■ **Records from a data collection**:
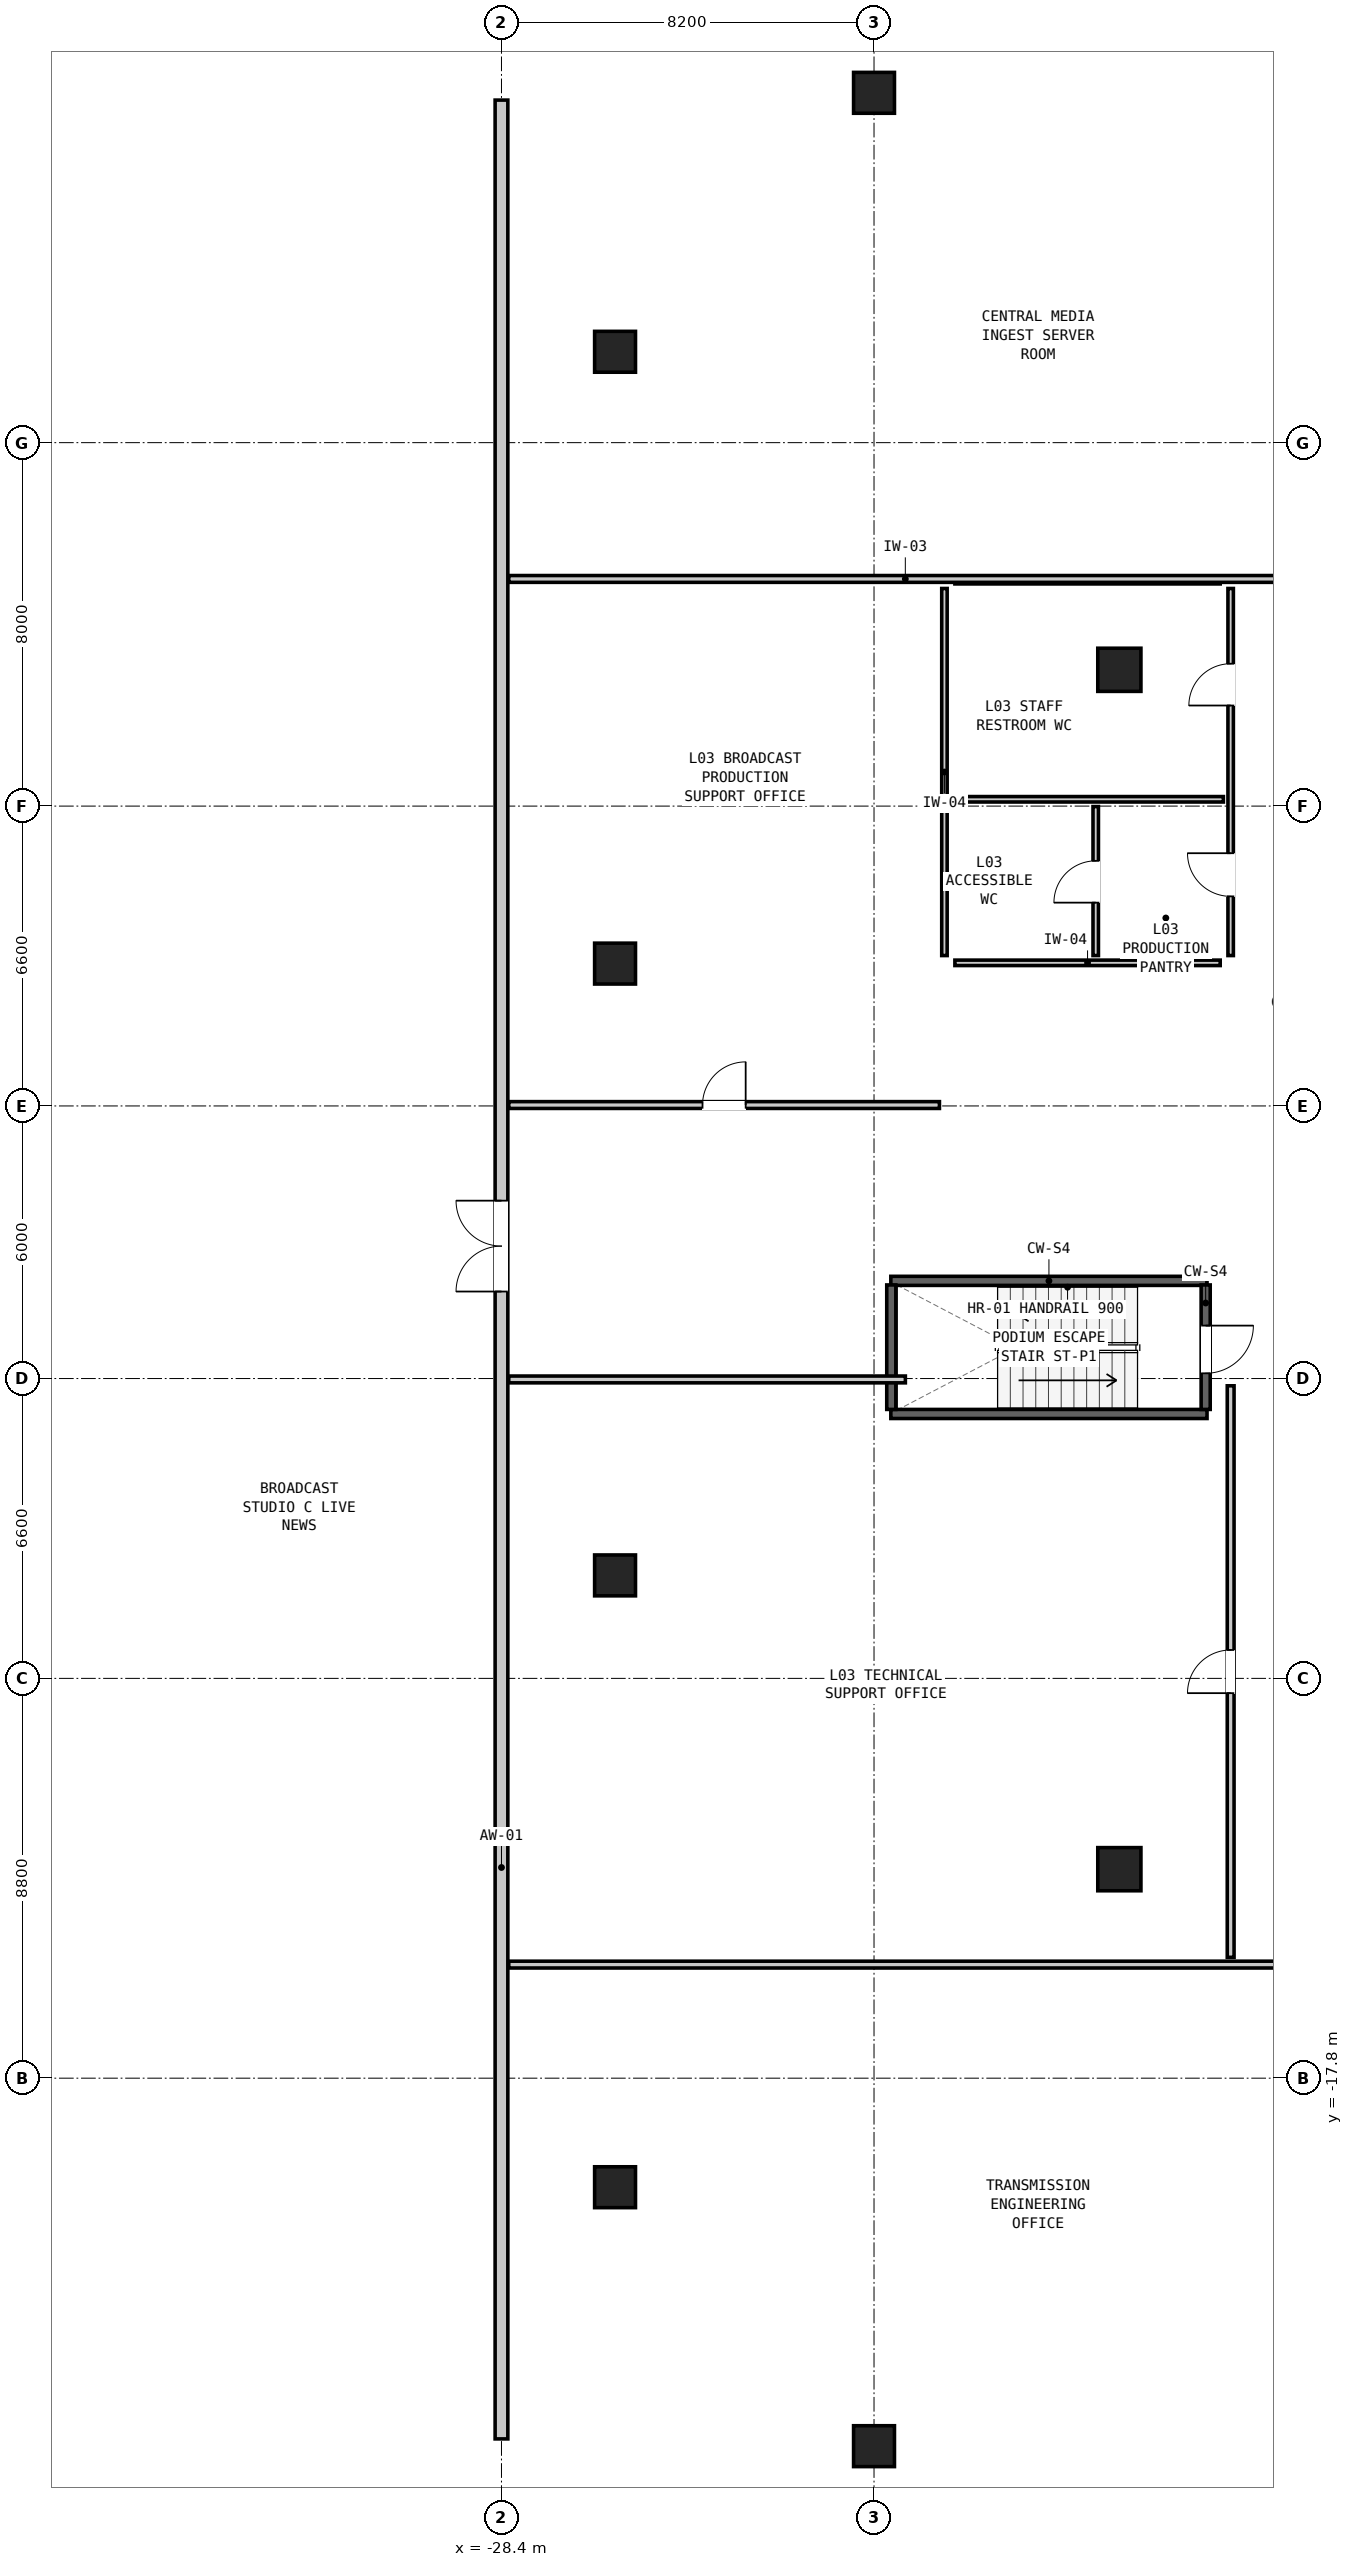
"""IFC4 building model, lengths in metres.
Left out: names, types, materials, properties, quantities, classifications, styles, units other than length and angle.
Written with IfcOpenShell. Run it as: python <this file> out.ifc"""

import sys

from ifc_helpers import new_model, si_unit, direction, frame, frame_2d, origin, origin_2d, place, context, subcontext, project, spatial, rectangle, hollow_rectangle, extrude, element, fill, save


model = new_model("IFC4")
c1 = context("Model", 3, precision=1e-05, world=origin(), true_north=direction((0.0, 1.0)))
c2 = subcontext(c1, "Body", "Model", "MODEL_VIEW")
j1 = project(units=[si_unit("LENGTHUNIT", "METRE"), si_unit("PLANEANGLEUNIT", "RADIAN")], contexts=[c1])
p1 = place(None, origin())
s1 = spatial("IfcSite", under=j1, at=p1, CompositionType="ELEMENT")
p2 = place(p1, origin())
s2 = spatial("IfcBuilding", under=s1, at=p2, CompositionType="ELEMENT")
p3 = place(p2, frame((0.0, 0.0, 13.5)))
s3 = spatial("IfcBuildingStorey", under=s2, at=p3, CompositionType="ELEMENT", Elevation=13.5)
for number, where, z_axis, x_axis in (
    (1, (-14.8, -13.2, 0.0), (0.0, 0.0, 1.0), (1.0, 0.0, 0.0)),
    (2, (-14.8, 13.2, 0.0), (0.0, 0.0, 1.0), (1.0, 0.0, 0.0)),
):
    element("IfcColumn", number, at=place(p3, frame(where, z_axis=z_axis, x_axis=x_axis)), inside=s3, PredefinedType="COLUMN", context=c2, shape_type="SweptSolid", body=[
        extrude(hollow_rectangle(XDim=0.95, YDim=0.95, WallThickness=0.06, at=origin_2d()), origin(), (0.0, 0.0, 1.0), 4.2),
    ])
for number, where, z_axis, x_axis in (
    (3, (-20.2, -25.9, 0.0), (0.0, 0.0, 1.0), (1.0, 0.0, 0.0)),
    (4, (-20.2, 25.9, 0.0), (0.0, 0.0, 1.0), (1.0, 0.0, 0.0)),
    (5, (-25.9, 20.2, 0.0), (0.0, 0.0, 1.0), (0.0, 1.0, 0.0)),
    (6, (-25.9, 6.733, 0.0), (0.0, 0.0, 1.0), (0.0, 1.0, 0.0)),
    (7, (-25.9, -6.733, 0.0), (0.0, 0.0, 1.0), (0.0, 1.0, 0.0)),
    (8, (-25.9, -20.2, 0.0), (0.0, 0.0, 1.0), (0.0, 1.0, 0.0)),
):
    element("IfcColumn", number, at=place(p3, frame(where, z_axis=z_axis, x_axis=x_axis)), inside=s3, PredefinedType="COLUMN", context=c2, shape_type="SweptSolid", body=[
        extrude(hollow_rectangle(XDim=0.9, YDim=0.9, WallThickness=0.055, at=origin_2d()), origin(), (0.0, 0.0, 1.0), 4.2),
    ])
for number, where, z_axis, x_axis in (
    (9, (-19.83, -0.25, 0.0), (0.0, 0.0, 1.0), (1.0, 0.0, 0.0)),
    (10, (-19.83, -3.18, 0.0), (0.0, 0.0, 1.0), (1.0, 0.0, 0.0)),
):
    element("IfcWall", number, at=place(p3, frame(where, z_axis=z_axis, x_axis=x_axis)), inside=s3, PredefinedType="SHEAR", context=c2, shape_type="SweptSolid", body=[
        extrude(rectangle(XDim=6.96, YDim=0.2, at=frame_2d((3.48, 0.0))), origin(), (0.0, 0.0, 1.0), 3.88),
    ])
p4 = place(p3, frame((-12.9, -0.34, 0.0), z_axis=(0.0, 0.0, 1.0), x_axis=(0.0, -1.0, 0.0)))
e11 = element("IfcWall", 11, at=p4, inside=s3, PredefinedType="SHEAR", context=c2, shape_type="SweptSolid", body=[
    extrude(rectangle(XDim=2.74, YDim=0.2, at=frame_2d((1.37, 0.0))), origin(), (0.0, 0.0, 1.0), 3.88),
])
p5 = place(p4, frame((0.895, 0.0, 0.0)))
e12 = element("IfcOpeningElement", 12, at=p5, cuts=e11, PredefinedType="OPENING", context=c2, shape_type="SweptSolid", body=[
    extrude(rectangle(XDim=1.05, YDim=2.08, at=frame_2d((0.525, 1.04))), frame((0.0, 0.112, 0.0), z_axis=(0.0, -1.0, 0.0), x_axis=(1.0, 0.0, 0.0)), (0.0, 0.0, 1.0), 0.224),
])
p6 = place(p3, frame((-19.82, -3.08, 0.0), z_axis=(0.0, 0.0, 1.0), x_axis=(0.0, 1.0, 0.0)))
e13 = element("IfcWall", 13, at=p6, inside=s3, PredefinedType="SHEAR", context=c2, shape_type="SweptSolid", body=[
    extrude(rectangle(XDim=2.74, YDim=0.2, at=frame_2d((1.37, 0.0))), origin(), (0.0, 0.0, 1.0), 3.88),
])
for number, where, z_axis, x_axis in (
    (14, (-18.42, 6.75, 0.0), (0.0, 0.0, 1.0), (1.0, 0.0, 0.0)),
    (15, (-18.42, 15.15, 0.0), (0.0, 0.0, 1.0), (1.0, 0.0, 0.0)),
):
    element("IfcWall", number, at=place(p3, frame(where, z_axis=z_axis, x_axis=x_axis)), inside=s3, PredefinedType="PARTITIONING", context=c2, shape_type="SweptSolid", body=[
        extrude(rectangle(XDim=5.84, YDim=0.12, at=frame_2d((2.92, 0.0))), origin(), (0.0, 0.0, 1.0), 3.88),
    ])
p7 = place(p3, frame((-18.65, 6.91, 0.0), z_axis=(0.0, 0.0, 1.0), x_axis=(0.0, 1.0, 0.0)))
e16 = element("IfcWall", 16, at=p7, inside=s3, PredefinedType="PARTITIONING", context=c2, shape_type="SweptSolid", body=[
    extrude(rectangle(XDim=8.08, YDim=0.12, at=frame_2d((4.04, 0.0))), origin(), (0.0, 0.0, 1.0), 3.88),
])
p8 = place(p3, frame((-18.49, 10.35, 0.0), z_axis=(0.0, 0.0, 1.0), x_axis=(1.0, 0.0, 0.0)))
e17 = element("IfcWall", 17, at=p8, inside=s3, PredefinedType="PARTITIONING", context=c2, shape_type="SweptSolid", body=[
    extrude(rectangle(XDim=5.98, YDim=0.12, at=frame_2d((2.99, 0.0))), origin(), (0.0, 0.0, 1.0), 3.88),
])
p9 = place(p3, frame((-15.32, 6.91, 0.0), z_axis=(0.0, 0.0, 1.0), x_axis=(0.0, 1.0, 0.0)))
e18 = element("IfcWall", 18, at=p9, inside=s3, PredefinedType="PARTITIONING", context=c2, shape_type="SweptSolid", body=[
    extrude(rectangle(XDim=3.28, YDim=0.12, at=frame_2d((1.64, 0.0))), origin(), (0.0, 0.0, 1.0), 3.88),
])
p10 = place(p9, frame((1.165, 0.0, 0.0)))
e19 = element("IfcOpeningElement", 19, at=p10, cuts=e18, PredefinedType="OPENING", context=c2, shape_type="SweptSolid", body=[
    extrude(rectangle(XDim=0.92, YDim=2.1, at=frame_2d((0.46, 1.05))), frame((0.0, 0.072, 0.0), z_axis=(0.0, -1.0, 0.0), x_axis=(1.0, 0.0, 0.0)), (0.0, 0.0, 1.0), 0.144),
])
p11 = place(p3, frame((-12.35, 6.91, 0.0), z_axis=(0.0, 0.0, 1.0), x_axis=(0.0, 1.0, 0.0)))
e20 = element("IfcWall", 20, at=p11, inside=s3, PredefinedType="PARTITIONING", context=c2, shape_type="SweptSolid", body=[
    extrude(rectangle(XDim=8.08, YDim=0.12, at=frame_2d((4.04, 0.0))), origin(), (0.0, 0.0, 1.0), 3.88),
])
p12 = place(p11, frame((1.303, 0.0, 0.0)))
e21 = element("IfcOpeningElement", 21, at=p12, cuts=e20, PredefinedType="OPENING", context=c2, shape_type="SweptSolid", body=[
    extrude(rectangle(XDim=0.95, YDim=2.1, at=frame_2d((0.475, 1.05))), frame((0.0, 0.072, 0.0), z_axis=(0.0, -1.0, 0.0), x_axis=(1.0, 0.0, 0.0)), (0.0, 0.0, 1.0), 0.144),
])
p13 = place(p11, frame((5.504, 0.0, 0.0)))
e22 = element("IfcOpeningElement", 22, at=p13, cuts=e20, PredefinedType="OPENING", context=c2, shape_type="SweptSolid", body=[
    extrude(rectangle(XDim=0.92, YDim=2.1, at=frame_2d((0.46, 1.05))), frame((0.0, 0.072, 0.0), z_axis=(0.0, -1.0, 0.0), x_axis=(1.0, 0.0, 0.0)), (0.0, 0.0, 1.0), 0.144),
])
p14 = place(p3, frame((-28.4, -25.74, 0.0), z_axis=(0.0, 0.0, 1.0), x_axis=(0.0, 1.0, 0.0)))
e23 = element("IfcWall", 23, at=p14, inside=s3, PredefinedType="MOVABLE", context=c2, shape_type="SweptSolid", body=[
    extrude(rectangle(XDim=51.48, YDim=0.28, at=frame_2d((25.74, 0.0))), origin(), (0.0, 0.0, 1.0), 3.88),
])
p15 = place(p14, frame((25.255, 0.0, 0.0)))
e24 = element("IfcOpeningElement", 24, at=p15, cuts=e23, PredefinedType="OPENING", context=c2, shape_type="SweptSolid", body=[
    extrude(rectangle(XDim=2.0, YDim=2.14, at=frame_2d((1.0, 1.07))), frame((0.0, 0.152, 0.0), z_axis=(0.0, -1.0, 0.0), x_axis=(1.0, 0.0, 0.0)), (0.0, 0.0, 1.0), 0.304),
])
p16 = place(p3, frame((-28.24, 15.2, 0.0), z_axis=(0.0, 0.0, 1.0), x_axis=(1.0, 0.0, 0.0)))
e25 = element("IfcWall", 25, at=p16, inside=s3, PredefinedType="PARTITIONING", context=c2, shape_type="SweptSolid", body=[
    extrude(rectangle(XDim=23.28, YDim=0.15, at=frame_2d((11.64, 0.0))), origin(), (0.0, 0.0, 1.0), 3.88),
])
p17 = place(p16, frame((17.558, 0.0, 0.0)))
e26 = element("IfcOpeningElement", 26, at=p17, cuts=e25, PredefinedType="OPENING", context=c2, shape_type="SweptSolid", body=[
    extrude(rectangle(XDim=1.2, YDim=2.1, at=frame_2d((0.6, 1.05))), frame((0.0, 0.087, 0.0), z_axis=(0.0, -1.0, 0.0), x_axis=(1.0, 0.0, 0.0)), (0.0, 0.0, 1.0), 0.174),
])
p18 = place(p3, frame((-28.24, -15.3, 0.0), z_axis=(0.0, 0.0, 1.0), x_axis=(1.0, 0.0, 0.0)))
e27 = element("IfcWall", 27, at=p18, inside=s3, PredefinedType="PARTITIONING", context=c2, shape_type="SweptSolid", body=[
    extrude(rectangle(XDim=23.28, YDim=0.15, at=frame_2d((11.64, 0.0))), origin(), (0.0, 0.0, 1.0), 3.88),
])
p19 = place(p18, frame((17.558, 0.0, 0.0)))
e28 = element("IfcOpeningElement", 28, at=p19, cuts=e27, PredefinedType="OPENING", context=c2, shape_type="SweptSolid", body=[
    extrude(rectangle(XDim=1.2, YDim=2.1, at=frame_2d((0.6, 1.05))), frame((0.0, 0.087, 0.0), z_axis=(0.0, -1.0, 0.0), x_axis=(1.0, 0.0, 0.0)), (0.0, 0.0, 1.0), 0.174),
])
p20 = place(p3, frame((-12.35, -15.14, 0.0), z_axis=(0.0, 0.0, 1.0), x_axis=(0.0, 1.0, 0.0)))
e29 = element("IfcWall", 29, at=p20, inside=s3, PredefinedType="PARTITIONING", context=c2, shape_type="SweptSolid", body=[
    extrude(rectangle(XDim=12.58, YDim=0.15, at=frame_2d((6.29, 0.0))), origin(), (0.0, 0.0, 1.0), 3.88),
])
p21 = place(p20, frame((5.815, 0.0, 0.0)))
e30 = element("IfcOpeningElement", 30, at=p21, cuts=e29, PredefinedType="OPENING", context=c2, shape_type="SweptSolid", body=[
    extrude(rectangle(XDim=0.95, YDim=2.1, at=frame_2d((0.475, 1.05))), frame((0.0, 0.087, 0.0), z_axis=(0.0, -1.0, 0.0), x_axis=(1.0, 0.0, 0.0)), (0.0, 0.0, 1.0), 0.174),
])
p22 = place(p3, frame((-28.24, -2.42, 0.0), z_axis=(0.0, 0.0, 1.0), x_axis=(1.0, 0.0, 0.0)))
e31 = element("IfcWall", 31, at=p22, inside=s3, PredefinedType="PARTITIONING", context=c2, shape_type="SweptSolid", body=[
    extrude(rectangle(XDim=8.73, YDim=0.15, at=frame_2d((4.365, 0.0))), origin(), (0.0, 0.0, 1.0), 2.742),
])
p23 = place(p3, frame((-28.24, 3.62, 0.0), z_axis=(0.0, 0.0, 1.0), x_axis=(1.0, 0.0, 0.0)))
e32 = element("IfcWall", 32, at=p23, inside=s3, PredefinedType="PARTITIONING", context=c2, shape_type="SweptSolid", body=[
    extrude(rectangle(XDim=9.48, YDim=0.15, at=frame_2d((4.74, 0.0))), origin(), (0.0, 0.0, 1.0), 2.742),
])
p24 = place(p23, frame((4.265, 0.0, 0.0)))
e33 = element("IfcOpeningElement", 33, at=p24, cuts=e32, PredefinedType="OPENING", context=c2, shape_type="SweptSolid", body=[
    extrude(rectangle(XDim=0.95, YDim=2.1, at=frame_2d((0.475, 1.05))), frame((0.0, 0.087, 0.0), z_axis=(0.0, -1.0, 0.0), x_axis=(1.0, 0.0, 0.0)), (0.0, 0.0, 1.0), 0.174),
])
p25 = place(p5, origin())
e34 = element("IfcDoor", 34, at=p25, inside=s3, OperationType="SINGLE_SWING_LEFT", PredefinedType="DOOR", context=c2, shape_type="SweptSolid", body=[
    extrude(rectangle(XDim=1.05, YDim=2.08, at=frame_2d((0.525, 1.04))), frame((0.0, 0.025, 0.0), z_axis=(0.0, -1.0, 0.0), x_axis=(1.0, 0.0, 0.0)), (0.0, 0.0, 1.0), 0.05),
])
fill(e12, e34)
p26 = place(p10, origin())
e35 = element("IfcDoor", 35, at=p26, inside=s3, OperationType="SINGLE_SWING_LEFT", PredefinedType="DOOR", context=c2, shape_type="SweptSolid", body=[
    extrude(rectangle(XDim=0.92, YDim=2.1, at=frame_2d((0.46, 1.05))), frame((0.0, 0.025, 0.0), z_axis=(0.0, -1.0, 0.0), x_axis=(1.0, 0.0, 0.0)), (0.0, 0.0, 1.0), 0.05),
])
fill(e19, e35)
p27 = place(p12, origin())
e36 = element("IfcDoor", 36, at=p27, inside=s3, OperationType="SINGLE_SWING_RIGHT", PredefinedType="DOOR", context=c2, shape_type="SweptSolid", body=[
    extrude(rectangle(XDim=0.95, YDim=2.1, at=frame_2d((0.475, 1.05))), frame((0.0, 0.025, 0.0), z_axis=(0.0, -1.0, 0.0), x_axis=(1.0, 0.0, 0.0)), (0.0, 0.0, 1.0), 0.05),
])
fill(e21, e36)
p28 = place(p13, origin())
e37 = element("IfcDoor", 37, at=p28, inside=s3, OperationType="SINGLE_SWING_LEFT", PredefinedType="DOOR", context=c2, shape_type="SweptSolid", body=[
    extrude(rectangle(XDim=0.92, YDim=2.1, at=frame_2d((0.46, 1.05))), frame((0.0, 0.025, 0.0), z_axis=(0.0, -1.0, 0.0), x_axis=(1.0, 0.0, 0.0)), (0.0, 0.0, 1.0), 0.05),
])
fill(e22, e37)
p29 = place(p15, origin())
e38 = element("IfcDoor", 38, at=p29, inside=s3, OperationType="DOUBLE_DOOR_SINGLE_SWING", PredefinedType="DOOR", context=c2, shape_type="SweptSolid", body=[
    extrude(rectangle(XDim=2.0, YDim=2.14, at=frame_2d((1.0, 1.07))), frame((0.0, 0.025, 0.0), z_axis=(0.0, -1.0, 0.0), x_axis=(1.0, 0.0, 0.0)), (0.0, 0.0, 1.0), 0.05),
])
fill(e24, e38)
p30 = place(p21, origin())
e39 = element("IfcDoor", 39, at=p30, inside=s3, OperationType="SINGLE_SWING_LEFT", PredefinedType="DOOR", context=c2, shape_type="SweptSolid", body=[
    extrude(rectangle(XDim=0.95, YDim=2.1, at=frame_2d((0.475, 1.05))), frame((0.0, 0.025, 0.0), z_axis=(0.0, -1.0, 0.0), x_axis=(1.0, 0.0, 0.0)), (0.0, 0.0, 1.0), 0.05),
])
fill(e30, e39)
p31 = place(p24, origin())
e40 = element("IfcDoor", 40, at=p31, inside=s3, OperationType="SINGLE_SWING_RIGHT", PredefinedType="DOOR", context=c2, shape_type="SweptSolid", body=[
    extrude(rectangle(XDim=0.95, YDim=2.1, at=frame_2d((0.475, 1.05))), frame((0.0, 0.025, 0.0), z_axis=(0.0, -1.0, 0.0), x_axis=(1.0, 0.0, 0.0)), (0.0, 0.0, 1.0), 0.05),
])
fill(e33, e40)
save(model, sys.argv[1])

■ **Problem to solve**: All lines above with "subcontext" in them should be returned.

■ **Expected output**:
from ifc_helpers import new_model, si_unit, direction, frame, frame_2d, origin, origin_2d, place, context, subcontext, project, spatial, rectangle, hollow_rectangle, extrude, element, fill, save
c2 = subcontext(c1, "Body", "Model", "MODEL_VIEW")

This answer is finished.